Activity => Go through the records and report each line in which the word "direction" occurs.

Records drawn from a dataset =>
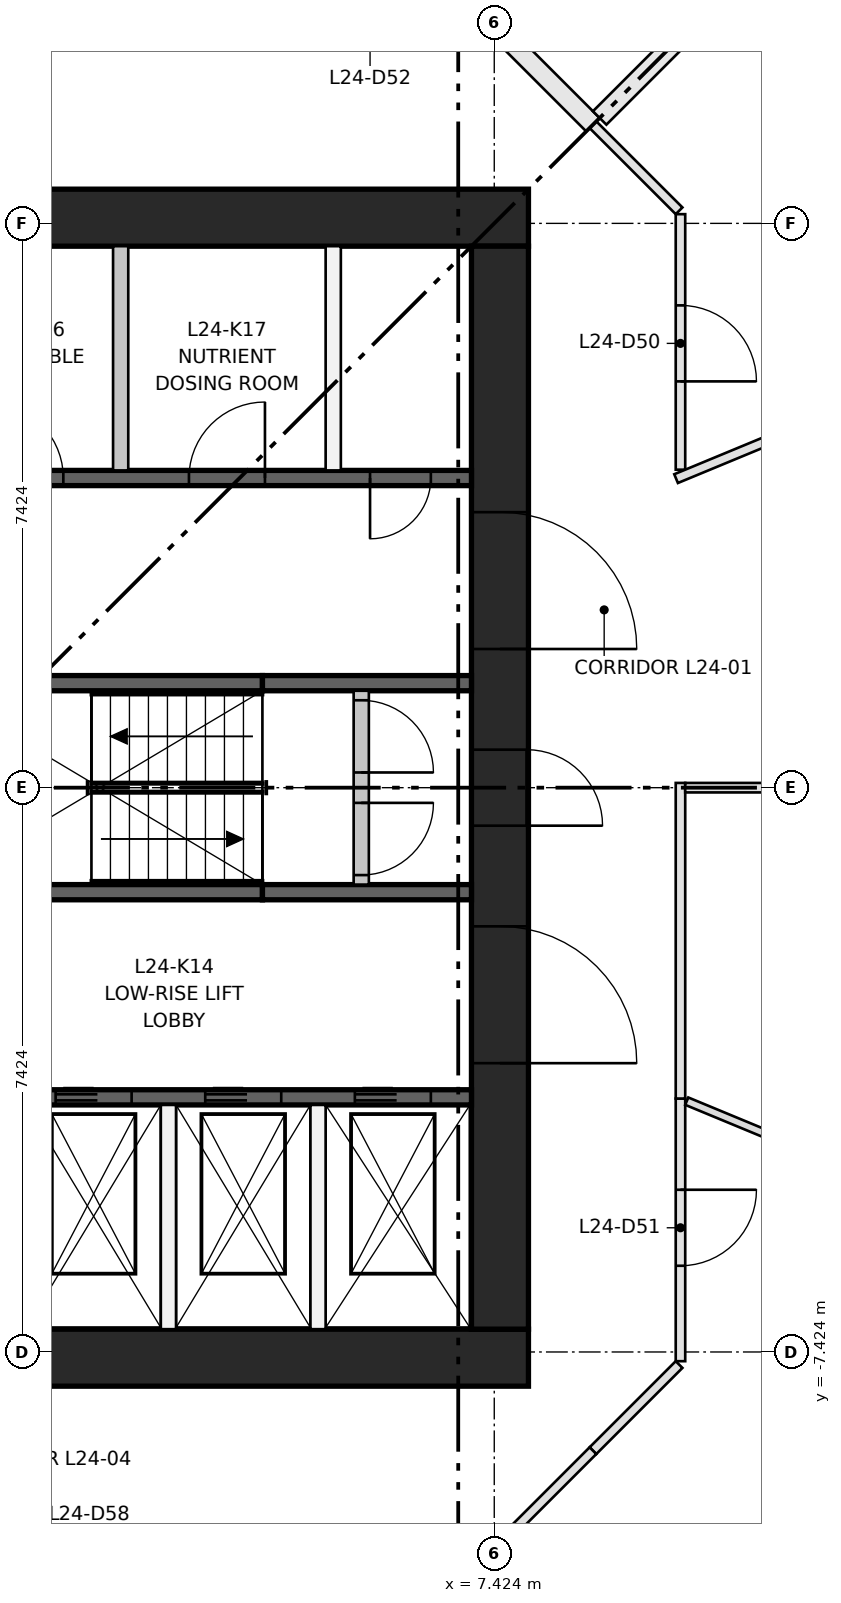
"""IFC4 building model, lengths in metres.
Left out: names, types, materials, properties, quantities, classifications, styles, units other than length and angle.
Written with IfcOpenShell. Run it as: python <this file> out.ifc"""

import sys

from ifc_helpers import new_model, si_unit, direction, frame, frame_2d, origin, place, context, subcontext, project, spatial, rectangle, extrude, element, fill, save


model = new_model("IFC4")
c1 = context("Model", 3, precision=1e-05, world=origin(), true_north=direction((0.0, 1.0)))
c2 = subcontext(c1, "Body", "Model", "MODEL_VIEW")
j1 = project(units=[si_unit("LENGTHUNIT", "METRE"), si_unit("PLANEANGLEUNIT", "RADIAN")], contexts=[c1])
p1 = place(None, origin())
s1 = spatial("IfcSite", under=j1, at=p1, CompositionType="ELEMENT")
p2 = place(p1, origin())
s2 = spatial("IfcBuilding", under=s1, at=p2, CompositionType="ELEMENT")
p3 = place(p2, frame((0.0, 0.0, 94.65)))
s3 = spatial("IfcBuildingStorey", under=s2, at=p3, CompositionType="ELEMENT", Elevation=94.65)
for number, where, z_axis, x_axis in (
    (1, (-7.874, -7.499, 0.0), (0.0, 0.0, 1.0), (1.0, 0.0, 0.0)),
    (2, (-7.874, 7.499, 0.0), (0.0, 0.0, 1.0), (1.0, 0.0, 0.0)),
):
    element("IfcWall", number, at=place(p3, frame(where, z_axis=z_axis, x_axis=x_axis)), inside=s3, PredefinedType="SHEAR", context=c2, shape_type="SweptSolid", body=[
        extrude(rectangle(XDim=15.748, YDim=0.75, at=frame_2d((7.874, 0.0))), origin(), (0.0, 0.0, 1.0), 3.65),
    ])
p4 = place(p3, frame((7.499, -7.124, 0.0), z_axis=(0.0, 0.0, 1.0), x_axis=(0.0, 1.0, 0.0)))
e3 = element("IfcWall", 3, at=p4, inside=s3, PredefinedType="SHEAR", context=c2, shape_type="SweptSolid", body=[
    extrude(rectangle(XDim=14.248, YDim=0.75, at=frame_2d((7.124, 0.0))), origin(), (0.0, 0.0, 1.0), 3.65),
])
p5 = place(p4, frame((6.624, 0.0, 0.0)))
e4 = element("IfcOpeningElement", 4, at=p5, cuts=e3, PredefinedType="OPENING", context=c2, shape_type="SweptSolid", body=[
    extrude(rectangle(XDim=1.0, YDim=2.1, at=frame_2d((0.5, 1.05))), frame((0.0, 0.385, 0.0), z_axis=(0.0, -1.0, 0.0), x_axis=(1.0, 0.0, 0.0)), (0.0, 0.0, 1.0), 0.77),
])
p6 = place(p4, frame((3.5, 0.0, 0.0)))
e5 = element("IfcOpeningElement", 5, at=p6, cuts=e3, PredefinedType="OPENING", context=c2, shape_type="SweptSolid", body=[
    extrude(rectangle(XDim=1.8, YDim=2.1, at=frame_2d((0.9, 1.05))), frame((0.0, 0.385, 0.0), z_axis=(0.0, -1.0, 0.0), x_axis=(1.0, 0.0, 0.0)), (0.0, 0.0, 1.0), 0.77),
])
p7 = place(p4, frame((8.948, 0.0, 0.0)))
e6 = element("IfcOpeningElement", 6, at=p7, cuts=e3, PredefinedType="OPENING", context=c2, shape_type="SweptSolid", body=[
    extrude(rectangle(XDim=1.8, YDim=2.1, at=frame_2d((0.9, 1.05))), frame((0.0, 0.385, 0.0), z_axis=(0.0, -1.0, 0.0), x_axis=(1.0, 0.0, 0.0)), (0.0, 0.0, 1.0), 0.77),
])
p8 = place(p3, frame((-7.124, -4.074, 0.0), z_axis=(0.0, 0.0, 1.0), x_axis=(1.0, 0.0, 0.0)))
e7 = element("IfcWall", 7, at=p8, inside=s3, PredefinedType="SHEAR", context=c2, shape_type="SweptSolid", body=[
    extrude(rectangle(XDim=14.248, YDim=0.2, at=frame_2d((7.124, 0.0))), origin(), (0.0, 0.0, 1.0), 3.3),
])
p9 = place(p8, frame((1.069, 0.0, 0.0)))
e8 = element("IfcOpeningElement", 8, at=p9, cuts=e7, PredefinedType="OPENING", context=c2, shape_type="SweptSolid", body=[
    extrude(rectangle(XDim=1.1, YDim=2.1, at=frame_2d((0.55, 1.05))), frame((0.0, 0.11, 0.0), z_axis=(0.0, -1.0, 0.0), x_axis=(1.0, 0.0, 0.0)), (0.0, 0.0, 1.0), 0.22),
])
p10 = place(p8, frame((4.206, 0.0, 0.0)))
e9 = element("IfcOpeningElement", 9, at=p10, cuts=e7, PredefinedType="OPENING", context=c2, shape_type="SweptSolid", body=[
    extrude(rectangle(XDim=1.1, YDim=2.1, at=frame_2d((0.55, 1.05))), frame((0.0, 0.11, 0.0), z_axis=(0.0, -1.0, 0.0), x_axis=(1.0, 0.0, 0.0)), (0.0, 0.0, 1.0), 0.22),
])
p11 = place(p8, frame((6.808, 0.0, 0.0)))
e10 = element("IfcOpeningElement", 10, at=p11, cuts=e7, PredefinedType="OPENING", context=c2, shape_type="SweptSolid", body=[
    extrude(rectangle(XDim=1.0, YDim=2.1, at=frame_2d((0.5, 1.05))), frame((0.0, 0.11, 0.0), z_axis=(0.0, -1.0, 0.0), x_axis=(1.0, 0.0, 0.0)), (0.0, 0.0, 1.0), 0.22),
])
p12 = place(p8, frame((8.777, 0.0, 0.0)))
e11 = element("IfcOpeningElement", 11, at=p12, cuts=e7, PredefinedType="OPENING", context=c2, shape_type="SweptSolid", body=[
    extrude(rectangle(XDim=1.0, YDim=2.1, at=frame_2d((0.5, 1.05))), frame((0.0, 0.11, 0.0), z_axis=(0.0, -1.0, 0.0), x_axis=(1.0, 0.0, 0.0)), (0.0, 0.0, 1.0), 0.22),
])
p13 = place(p8, frame((10.745, 0.0, 0.0)))
e12 = element("IfcOpeningElement", 12, at=p13, cuts=e7, PredefinedType="OPENING", context=c2, shape_type="SweptSolid", body=[
    extrude(rectangle(XDim=1.0, YDim=2.1, at=frame_2d((0.5, 1.05))), frame((0.0, 0.11, 0.0), z_axis=(0.0, -1.0, 0.0), x_axis=(1.0, 0.0, 0.0)), (0.0, 0.0, 1.0), 0.22),
])
p14 = place(p8, frame((12.714, 0.0, 0.0)))
e13 = element("IfcOpeningElement", 13, at=p14, cuts=e7, PredefinedType="OPENING", context=c2, shape_type="SweptSolid", body=[
    extrude(rectangle(XDim=1.0, YDim=2.1, at=frame_2d((0.5, 1.05))), frame((0.0, 0.11, 0.0), z_axis=(0.0, -1.0, 0.0), x_axis=(1.0, 0.0, 0.0)), (0.0, 0.0, 1.0), 0.22),
])
p15 = place(p3, frame((0.0, 4.074, 0.0), z_axis=(0.0, 0.0, 1.0), x_axis=(1.0, 0.0, 0.0)))
e14 = element("IfcWall", 14, at=p15, inside=s3, PredefinedType="SHEAR", context=c2, shape_type="SweptSolid", body=[
    extrude(rectangle(XDim=7.124, YDim=0.2, at=frame_2d((3.562, 0.0))), origin(), (0.0, 0.0, 1.0), 3.3),
])
p16 = place(p15, frame((0.754, 0.0, 0.0)))
e15 = element("IfcOpeningElement", 15, at=p16, cuts=e14, PredefinedType="OPENING", context=c2, shape_type="SweptSolid", body=[
    extrude(rectangle(XDim=1.0, YDim=2.1, at=frame_2d((0.5, 1.05))), frame((0.0, 0.11, 0.0), z_axis=(0.0, -1.0, 0.0), x_axis=(1.0, 0.0, 0.0)), (0.0, 0.0, 1.0), 0.22),
])
p17 = place(p15, frame((3.407, 0.0, 0.0)))
e16 = element("IfcOpeningElement", 16, at=p17, cuts=e14, PredefinedType="OPENING", context=c2, shape_type="SweptSolid", body=[
    extrude(rectangle(XDim=1.0, YDim=2.1, at=frame_2d((0.5, 1.05))), frame((0.0, 0.11, 0.0), z_axis=(0.0, -1.0, 0.0), x_axis=(1.0, 0.0, 0.0)), (0.0, 0.0, 1.0), 0.22),
])
p18 = place(p15, frame((5.79, 0.0, 0.0)))
e17 = element("IfcOpeningElement", 17, at=p18, cuts=e14, PredefinedType="OPENING", context=c2, shape_type="SweptSolid", body=[
    extrude(rectangle(XDim=0.8, YDim=2.1, at=frame_2d((0.4, 1.05))), frame((0.0, 0.11, 0.0), z_axis=(0.0, -1.0, 0.0), x_axis=(1.0, 0.0, 0.0)), (0.0, 0.0, 1.0), 0.22),
])
p19 = place(p3, frame((0.0, -1.375, 0.0), z_axis=(0.0, 0.0, 1.0), x_axis=(1.0, 0.0, 0.0)))
e18 = element("IfcWall", 18, at=p19, inside=s3, PredefinedType="SHEAR", context=c2, shape_type="SweptSolid", body=[
    extrude(rectangle(XDim=4.374, YDim=0.2, at=frame_2d((2.187, 0.0))), origin(), (0.0, 0.0, 1.0), 3.3),
])
p20 = place(p3, frame((4.374, -1.375, 0.0), z_axis=(0.0, 0.0, 1.0), x_axis=(1.0, 0.0, 0.0)))
e19 = element("IfcWall", 19, at=p20, inside=s3, PredefinedType="SHEAR", context=c2, shape_type="SweptSolid", body=[
    extrude(rectangle(XDim=2.75, YDim=0.2, at=frame_2d((1.375, 0.0))), origin(), (0.0, 0.0, 1.0), 3.3),
])
p21 = place(p3, frame((0.0, 1.375, 0.0), z_axis=(0.0, 0.0, 1.0), x_axis=(1.0, 0.0, 0.0)))
e20 = element("IfcWall", 20, at=p21, inside=s3, PredefinedType="SHEAR", context=c2, shape_type="SweptSolid", body=[
    extrude(rectangle(XDim=4.374, YDim=0.2, at=frame_2d((2.187, 0.0))), origin(), (0.0, 0.0, 1.0), 3.3),
])
p22 = place(p3, frame((4.374, 1.375, 0.0), z_axis=(0.0, 0.0, 1.0), x_axis=(1.0, 0.0, 0.0)))
e21 = element("IfcWall", 21, at=p22, inside=s3, PredefinedType="SHEAR", context=c2, shape_type="SweptSolid", body=[
    extrude(rectangle(XDim=2.75, YDim=0.2, at=frame_2d((1.375, 0.0))), origin(), (0.0, 0.0, 1.0), 3.3),
])
for number, where, z_axis, x_axis in (
    (22, (3.137, -7.124, 0.0), (0.0, 0.0, 1.0), (0.0, 1.0, 0.0)),
    (23, (5.105, -7.124, 0.0), (0.0, 0.0, 1.0), (0.0, 1.0, 0.0)),
    (24, (2.509, 4.174, 0.0), (0.0, 0.0, 1.0), (0.0, 1.0, 0.0)),
    (25, (5.305, 4.174, 0.0), (0.0, 0.0, 1.0), (0.0, 1.0, 0.0)),
):
    element("IfcWall", number, at=place(p3, frame(where, z_axis=z_axis, x_axis=x_axis)), inside=s3, PredefinedType="PARTITIONING", context=c2, shape_type="SweptSolid", body=[
        extrude(rectangle(XDim=2.95, YDim=0.2, at=frame_2d((1.475, 0.0))), origin(), (0.0, 0.0, 1.0), 3.3),
    ])
p23 = place(p3, frame((5.674, -1.275, 0.0), z_axis=(0.0, 0.0, 1.0), x_axis=(0.0, 1.0, 0.0)))
e26 = element("IfcWall", 26, at=p23, inside=s3, PredefinedType="PARTITIONING", context=c2, shape_type="SweptSolid", body=[
    extrude(rectangle(XDim=2.55, YDim=0.2, at=frame_2d((1.275, 0.0))), origin(), (0.0, 0.0, 1.0), 3.3),
])
p24 = place(p23, frame((0.125, 0.0, 0.0)))
e27 = element("IfcOpeningElement", 27, at=p24, cuts=e26, PredefinedType="OPENING", context=c2, shape_type="SweptSolid", body=[
    extrude(rectangle(XDim=0.95, YDim=2.1, at=frame_2d((0.475, 1.05))), frame((0.0, 0.11, 0.0), z_axis=(0.0, -1.0, 0.0), x_axis=(1.0, 0.0, 0.0)), (0.0, 0.0, 1.0), 0.22),
])
p25 = place(p23, frame((1.475, 0.0, 0.0)))
e28 = element("IfcOpeningElement", 28, at=p25, cuts=e26, PredefinedType="OPENING", context=c2, shape_type="SweptSolid", body=[
    extrude(rectangle(XDim=0.95, YDim=2.1, at=frame_2d((0.475, 1.05))), frame((0.0, 0.11, 0.0), z_axis=(0.0, -1.0, 0.0), x_axis=(1.0, 0.0, 0.0)), (0.0, 0.0, 1.0), 0.22),
])
p26 = place(p3, frame((8.722, 8.722, 0.0), z_axis=(0.0, 0.0, 1.0), x_axis=(0.70718294931, -0.707030604857, 0.0)))
e29 = element("IfcWall", 29, at=p26, inside=s3, PredefinedType="PARTITIONING", context=c2, shape_type="SweptSolid", body=[
    extrude(rectangle(XDim=1.603, YDim=0.125, at=frame_2d((0.801, 0.0))), origin(), (0.0, 0.0, 1.0), 3.3),
])
p27 = place(p3, frame((9.874, 7.545, 0.0), z_axis=(0.0, 0.0, 1.0), x_axis=(0.0, -1.0, 0.0)))
e30 = element("IfcWall", 30, at=p27, inside=s3, PredefinedType="PARTITIONING", context=c2, shape_type="SweptSolid", body=[
    extrude(rectangle(XDim=3.362, YDim=0.125, at=frame_2d((1.681, 0.0))), origin(), (0.0, 0.0, 1.0), 3.3),
])
p28 = place(p27, frame((1.2, 0.0, 0.0)))
e31 = element("IfcOpeningElement", 31, at=p28, cuts=e30, PredefinedType="OPENING", context=c2, shape_type="SweptSolid", body=[
    extrude(rectangle(XDim=1.0, YDim=2.1, at=frame_2d((0.5, 1.05))), frame((0.0, 0.073, 0.0), z_axis=(0.0, -1.0, 0.0), x_axis=(1.0, 0.0, 0.0)), (0.0, 0.0, 1.0), 0.145),
])
p29 = place(p3, frame((9.856, -7.589, 0.0), z_axis=(0.0, 0.0, 1.0), x_axis=(-0.70718294931, -0.707030604857, 0.0)))
e32 = element("IfcWall", 32, at=p29, inside=s3, PredefinedType="PARTITIONING", context=c2, shape_type="SweptSolid", body=[
    extrude(rectangle(XDim=1.603, YDim=0.125, at=frame_2d((0.801, 0.0))), origin(), (0.0, 0.0, 1.0), 3.3),
])
p30 = place(p3, frame((9.874, -4.09, 0.0), z_axis=(0.0, 0.0, 1.0), x_axis=(0.0, -1.0, 0.0)))
e33 = element("IfcWall", 33, at=p30, inside=s3, PredefinedType="PARTITIONING", context=c2, shape_type="SweptSolid", body=[
    extrude(rectangle(XDim=3.455, YDim=0.125, at=frame_2d((1.728, 0.0))), origin(), (0.0, 0.0, 1.0), 3.3),
])
p31 = place(p30, frame((1.2, 0.0, 0.0)))
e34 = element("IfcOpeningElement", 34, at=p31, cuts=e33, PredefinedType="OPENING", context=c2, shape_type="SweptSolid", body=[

Solution =>
from ifc_helpers import new_model, si_unit, direction, frame, frame_2d, origin, place, context, subcontext, project, spatial, rectangle, extrude, element, fill, save
c1 = context("Model", 3, precision=1e-05, world=origin(), true_north=direction((0.0, 1.0)))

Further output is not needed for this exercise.